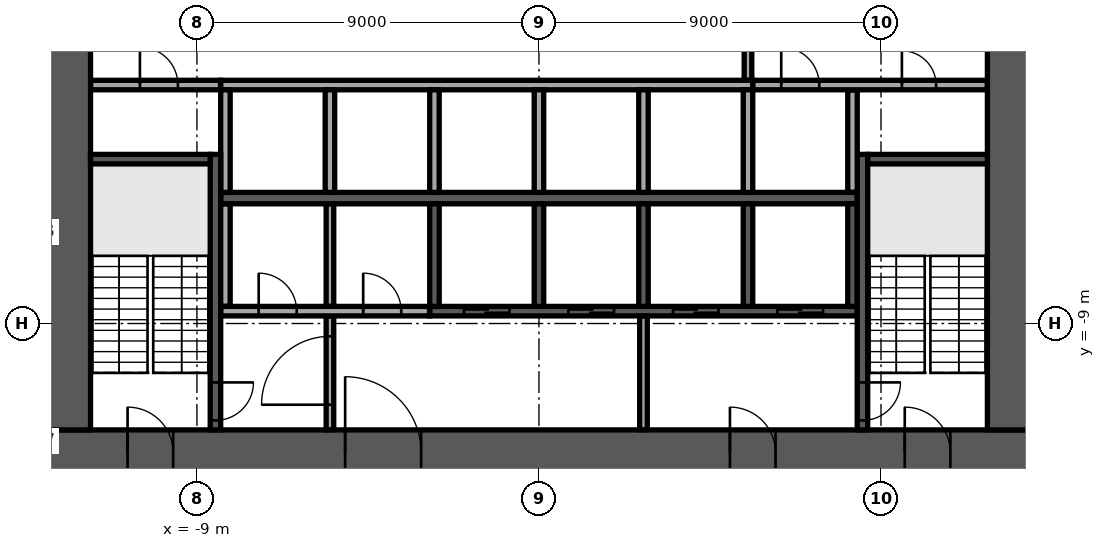
"""IFC4 building model, lengths in metres.
Left out: names, types, materials, properties, quantities, classifications, styles, units other than length and angle.
Written with IfcOpenShell. Run it as: python <this file> out.ifc"""

import sys

from ifc_helpers import new_model, si_unit, direction, frame, frame_2d, origin, place, context, subcontext, project, spatial, rectangle, extrude, element, fill, save


model = new_model("IFC4")
c1 = context("Model", 3, precision=1e-05, world=origin(), true_north=direction((0.0, 1.0)))
c2 = subcontext(c1, "Body", "Model", "MODEL_VIEW")
j1 = project(units=[si_unit("LENGTHUNIT", "METRE"), si_unit("PLANEANGLEUNIT", "RADIAN")], contexts=[c1])
p1 = place(None, origin())
s1 = spatial("IfcSite", under=j1, at=p1, CompositionType="ELEMENT")
p2 = place(p1, origin())
s2 = spatial("IfcBuilding", under=s1, at=p2, CompositionType="ELEMENT")
p3 = place(p2, frame((0.0, 0.0, 59.7)))
s3 = spatial("IfcBuildingStorey", under=s2, at=p3, CompositionType="ELEMENT", Elevation=59.7)
p4 = place(p3, frame((-13.0, -12.4, 0.0), z_axis=(0.0, 0.0, 1.0), x_axis=(1.0, 0.0, 0.0)))
e1 = element("IfcWall", 1, at=p4, inside=s3, PredefinedType="SHEAR", context=c2, shape_type="SweptSolid", body=[
    extrude(rectangle(XDim=26.0, YDim=1.2, at=frame_2d((13.0, 0.0))), origin(), (0.0, 0.0, 1.0), 3.75),
])
p5 = place(p4, frame((7.9, 0.0, 0.0)))
e2 = element("IfcOpeningElement", 2, at=p5, cuts=e1, PredefinedType="OPENING", context=c2, shape_type="SweptSolid", body=[
    extrude(rectangle(XDim=2.0, YDim=2.1, at=frame_2d((1.0, 1.05))), frame((0.0, 0.61, 0.0), z_axis=(0.0, -1.0, 0.0), x_axis=(1.0, 0.0, 0.0)), (0.0, 0.0, 1.0), 1.22),
])
p6 = place(p4, frame((18.025, 0.0, 0.0)))
e3 = element("IfcOpeningElement", 3, at=p6, cuts=e1, PredefinedType="OPENING", context=c2, shape_type="SweptSolid", body=[
    extrude(rectangle(XDim=1.2, YDim=2.1, at=frame_2d((0.6, 1.05))), frame((0.0, 0.61, 0.0), z_axis=(0.0, -1.0, 0.0), x_axis=(1.0, 0.0, 0.0)), (0.0, 0.0, 1.0), 1.22),
])
p7 = place(p4, frame((2.175, 0.0, 0.0)))
e4 = element("IfcOpeningElement", 4, at=p7, cuts=e1, PredefinedType="OPENING", context=c2, shape_type="SweptSolid", body=[
    extrude(rectangle(XDim=1.2, YDim=2.1, at=frame_2d((0.6, 1.05))), frame((0.0, 0.61, 0.0), z_axis=(0.0, -1.0, 0.0), x_axis=(1.0, 0.0, 0.0)), (0.0, 0.0, 1.0), 1.22),
])
p8 = place(p4, frame((22.625, 0.0, 0.0)))
e5 = element("IfcOpeningElement", 5, at=p8, cuts=e1, PredefinedType="OPENING", context=c2, shape_type="SweptSolid", body=[
    extrude(rectangle(XDim=1.2, YDim=2.1, at=frame_2d((0.6, 1.05))), frame((0.0, 0.61, 0.0), z_axis=(0.0, -1.0, 0.0), x_axis=(1.0, 0.0, 0.0)), (0.0, 0.0, 1.0), 1.22),
])
p9 = place(p3, frame((12.4, -11.8, 0.0), z_axis=(0.0, 0.0, 1.0), x_axis=(0.0, 1.0, 0.0)))
e6 = element("IfcWall", 6, at=p9, inside=s3, PredefinedType="SHEAR", context=c2, shape_type="SweptSolid", body=[
    extrude(rectangle(XDim=23.6, YDim=1.2, at=frame_2d((11.8, 0.0))), origin(), (0.0, 0.0, 1.0), 3.75),
])
p10 = place(p9, frame((10.6, 0.0, 0.0)))
e7 = element("IfcOpeningElement", 7, at=p10, cuts=e6, PredefinedType="OPENING", context=c2, shape_type="SweptSolid", body=[
    extrude(rectangle(XDim=2.4, YDim=2.4, at=frame_2d((1.2, 1.2))), frame((0.0, 0.61, 0.0), z_axis=(0.0, -1.0, 0.0), x_axis=(1.0, 0.0, 0.0)), (0.0, 0.0, 1.0), 1.22),
])
p11 = place(p3, frame((-12.4, -11.8, 0.0), z_axis=(0.0, 0.0, 1.0), x_axis=(0.0, 1.0, 0.0)))
e8 = element("IfcWall", 8, at=p11, inside=s3, PredefinedType="SHEAR", context=c2, shape_type="SweptSolid", body=[
    extrude(rectangle(XDim=23.6, YDim=1.2, at=frame_2d((11.8, 0.0))), origin(), (0.0, 0.0, 1.0), 3.75),
])
p12 = place(p11, frame((10.6, 0.0, 0.0)))
e9 = element("IfcOpeningElement", 9, at=p12, cuts=e8, PredefinedType="OPENING", context=c2, shape_type="SweptSolid", body=[
    extrude(rectangle(XDim=2.4, YDim=2.4, at=frame_2d((1.2, 1.2))), frame((0.0, 0.61, 0.0), z_axis=(0.0, -1.0, 0.0), x_axis=(1.0, 0.0, 0.0)), (0.0, 0.0, 1.0), 1.22),
])
p13 = place(p3, frame((-8.375, -5.7, 0.0), z_axis=(0.0, 0.0, 1.0), x_axis=(1.0, 0.0, 0.0)))
e10 = element("IfcWall", 10, at=p13, inside=s3, PredefinedType="SOLIDWALL", context=c2, shape_type="SweptSolid", body=[
    extrude(rectangle(XDim=16.75, YDim=0.3, at=frame_2d((8.375, 0.0))), origin(), (0.0, 0.0, 1.0), 3.75),
])
p14 = place(p3, frame((-8.375, -2.725, 0.0), z_axis=(0.0, 0.0, 1.0), x_axis=(1.0, 0.0, 0.0)))
e11 = element("IfcWall", 11, at=p14, inside=s3, PredefinedType="SOLIDWALL", context=c2, shape_type="SweptSolid", body=[
    extrude(rectangle(XDim=14.0, YDim=0.25, at=frame_2d((7.0, 0.0))), origin(), (0.0, 0.0, 1.0), 3.75),
])
for number, where, z_axis, x_axis in (
    (12, (-8.25, -5.55, 0.0), (0.0, 0.0, 1.0), (0.0, 1.0, 0.0)),
    (13, (-5.5, -5.55, 0.0), (0.0, 0.0, 1.0), (0.0, 1.0, 0.0)),
    (14, (-2.75, -5.55, 0.0), (0.0, 0.0, 1.0), (0.0, 1.0, 0.0)),
    (15, (0.0, -5.55, 0.0), (0.0, 0.0, 1.0), (0.0, 1.0, 0.0)),
    (16, (2.75, -5.55, 0.0), (0.0, 0.0, 1.0), (0.0, 1.0, 0.0)),
    (17, (5.5, -5.55, 0.0), (0.0, 0.0, 1.0), (0.0, 1.0, 0.0)),
):
    element("IfcWall", number, at=place(p3, frame(where, z_axis=z_axis, x_axis=x_axis)), inside=s3, PredefinedType="SOLIDWALL", context=c2, shape_type="SweptSolid", body=[
        extrude(rectangle(XDim=2.7, YDim=0.25, at=frame_2d((1.35, 0.0))), origin(), (0.0, 0.0, 1.0), 3.75),
    ])
p15 = place(p3, frame((-2.875, -8.675, 0.0), z_axis=(0.0, 0.0, 1.0), x_axis=(1.0, 0.0, 0.0)))
e18 = element("IfcWall", 18, at=p15, inside=s3, PredefinedType="SOLIDWALL", context=c2, shape_type="SweptSolid", body=[
    extrude(rectangle(XDim=11.25, YDim=0.25, at=frame_2d((5.625, 0.0))), origin(), (0.0, 0.0, 1.0), 3.75),
])
p16 = place(p15, frame((0.9, 0.0, 0.0)))
e19 = element("IfcOpeningElement", 19, at=p16, cuts=e18, PredefinedType="OPENING", context=c2, shape_type="SweptSolid", body=[
    extrude(rectangle(XDim=1.2, YDim=2.1, at=frame_2d((0.6, 1.05))), frame((0.0, 0.135, 0.0), z_axis=(0.0, -1.0, 0.0), x_axis=(1.0, 0.0, 0.0)), (0.0, 0.0, 1.0), 0.27),
])
p17 = place(p15, frame((3.65, 0.0, 0.0)))
e20 = element("IfcOpeningElement", 20, at=p17, cuts=e18, PredefinedType="OPENING", context=c2, shape_type="SweptSolid", body=[
    extrude(rectangle(XDim=1.2, YDim=2.1, at=frame_2d((0.6, 1.05))), frame((0.0, 0.135, 0.0), z_axis=(0.0, -1.0, 0.0), x_axis=(1.0, 0.0, 0.0)), (0.0, 0.0, 1.0), 0.27),
])
p18 = place(p15, frame((6.4, 0.0, 0.0)))
e21 = element("IfcOpeningElement", 21, at=p18, cuts=e18, PredefinedType="OPENING", context=c2, shape_type="SweptSolid", body=[
    extrude(rectangle(XDim=1.2, YDim=2.1, at=frame_2d((0.6, 1.05))), frame((0.0, 0.135, 0.0), z_axis=(0.0, -1.0, 0.0), x_axis=(1.0, 0.0, 0.0)), (0.0, 0.0, 1.0), 0.27),
])
p19 = place(p15, frame((9.15, 0.0, 0.0)))
e22 = element("IfcOpeningElement", 22, at=p19, cuts=e18, PredefinedType="OPENING", context=c2, shape_type="SweptSolid", body=[
    extrude(rectangle(XDim=1.2, YDim=2.1, at=frame_2d((0.6, 1.05))), frame((0.0, 0.135, 0.0), z_axis=(0.0, -1.0, 0.0), x_axis=(1.0, 0.0, 0.0)), (0.0, 0.0, 1.0), 0.27),
])
for number, where, z_axis, x_axis in (
    (23, (-2.75, -8.55, 0.0), (0.0, 0.0, 1.0), (0.0, 1.0, 0.0)),
    (24, (0.0, -8.55, 0.0), (0.0, 0.0, 1.0), (0.0, 1.0, 0.0)),
    (25, (2.75, -8.55, 0.0), (0.0, 0.0, 1.0), (0.0, 1.0, 0.0)),
    (26, (5.5, -8.55, 0.0), (0.0, 0.0, 1.0), (0.0, 1.0, 0.0)),
    (27, (8.25, -8.55, 0.0), (0.0, 0.0, 1.0), (0.0, 1.0, 0.0)),
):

----------

Count, in the records above, the lines that contain the word "under"; the answer is that number alone.

3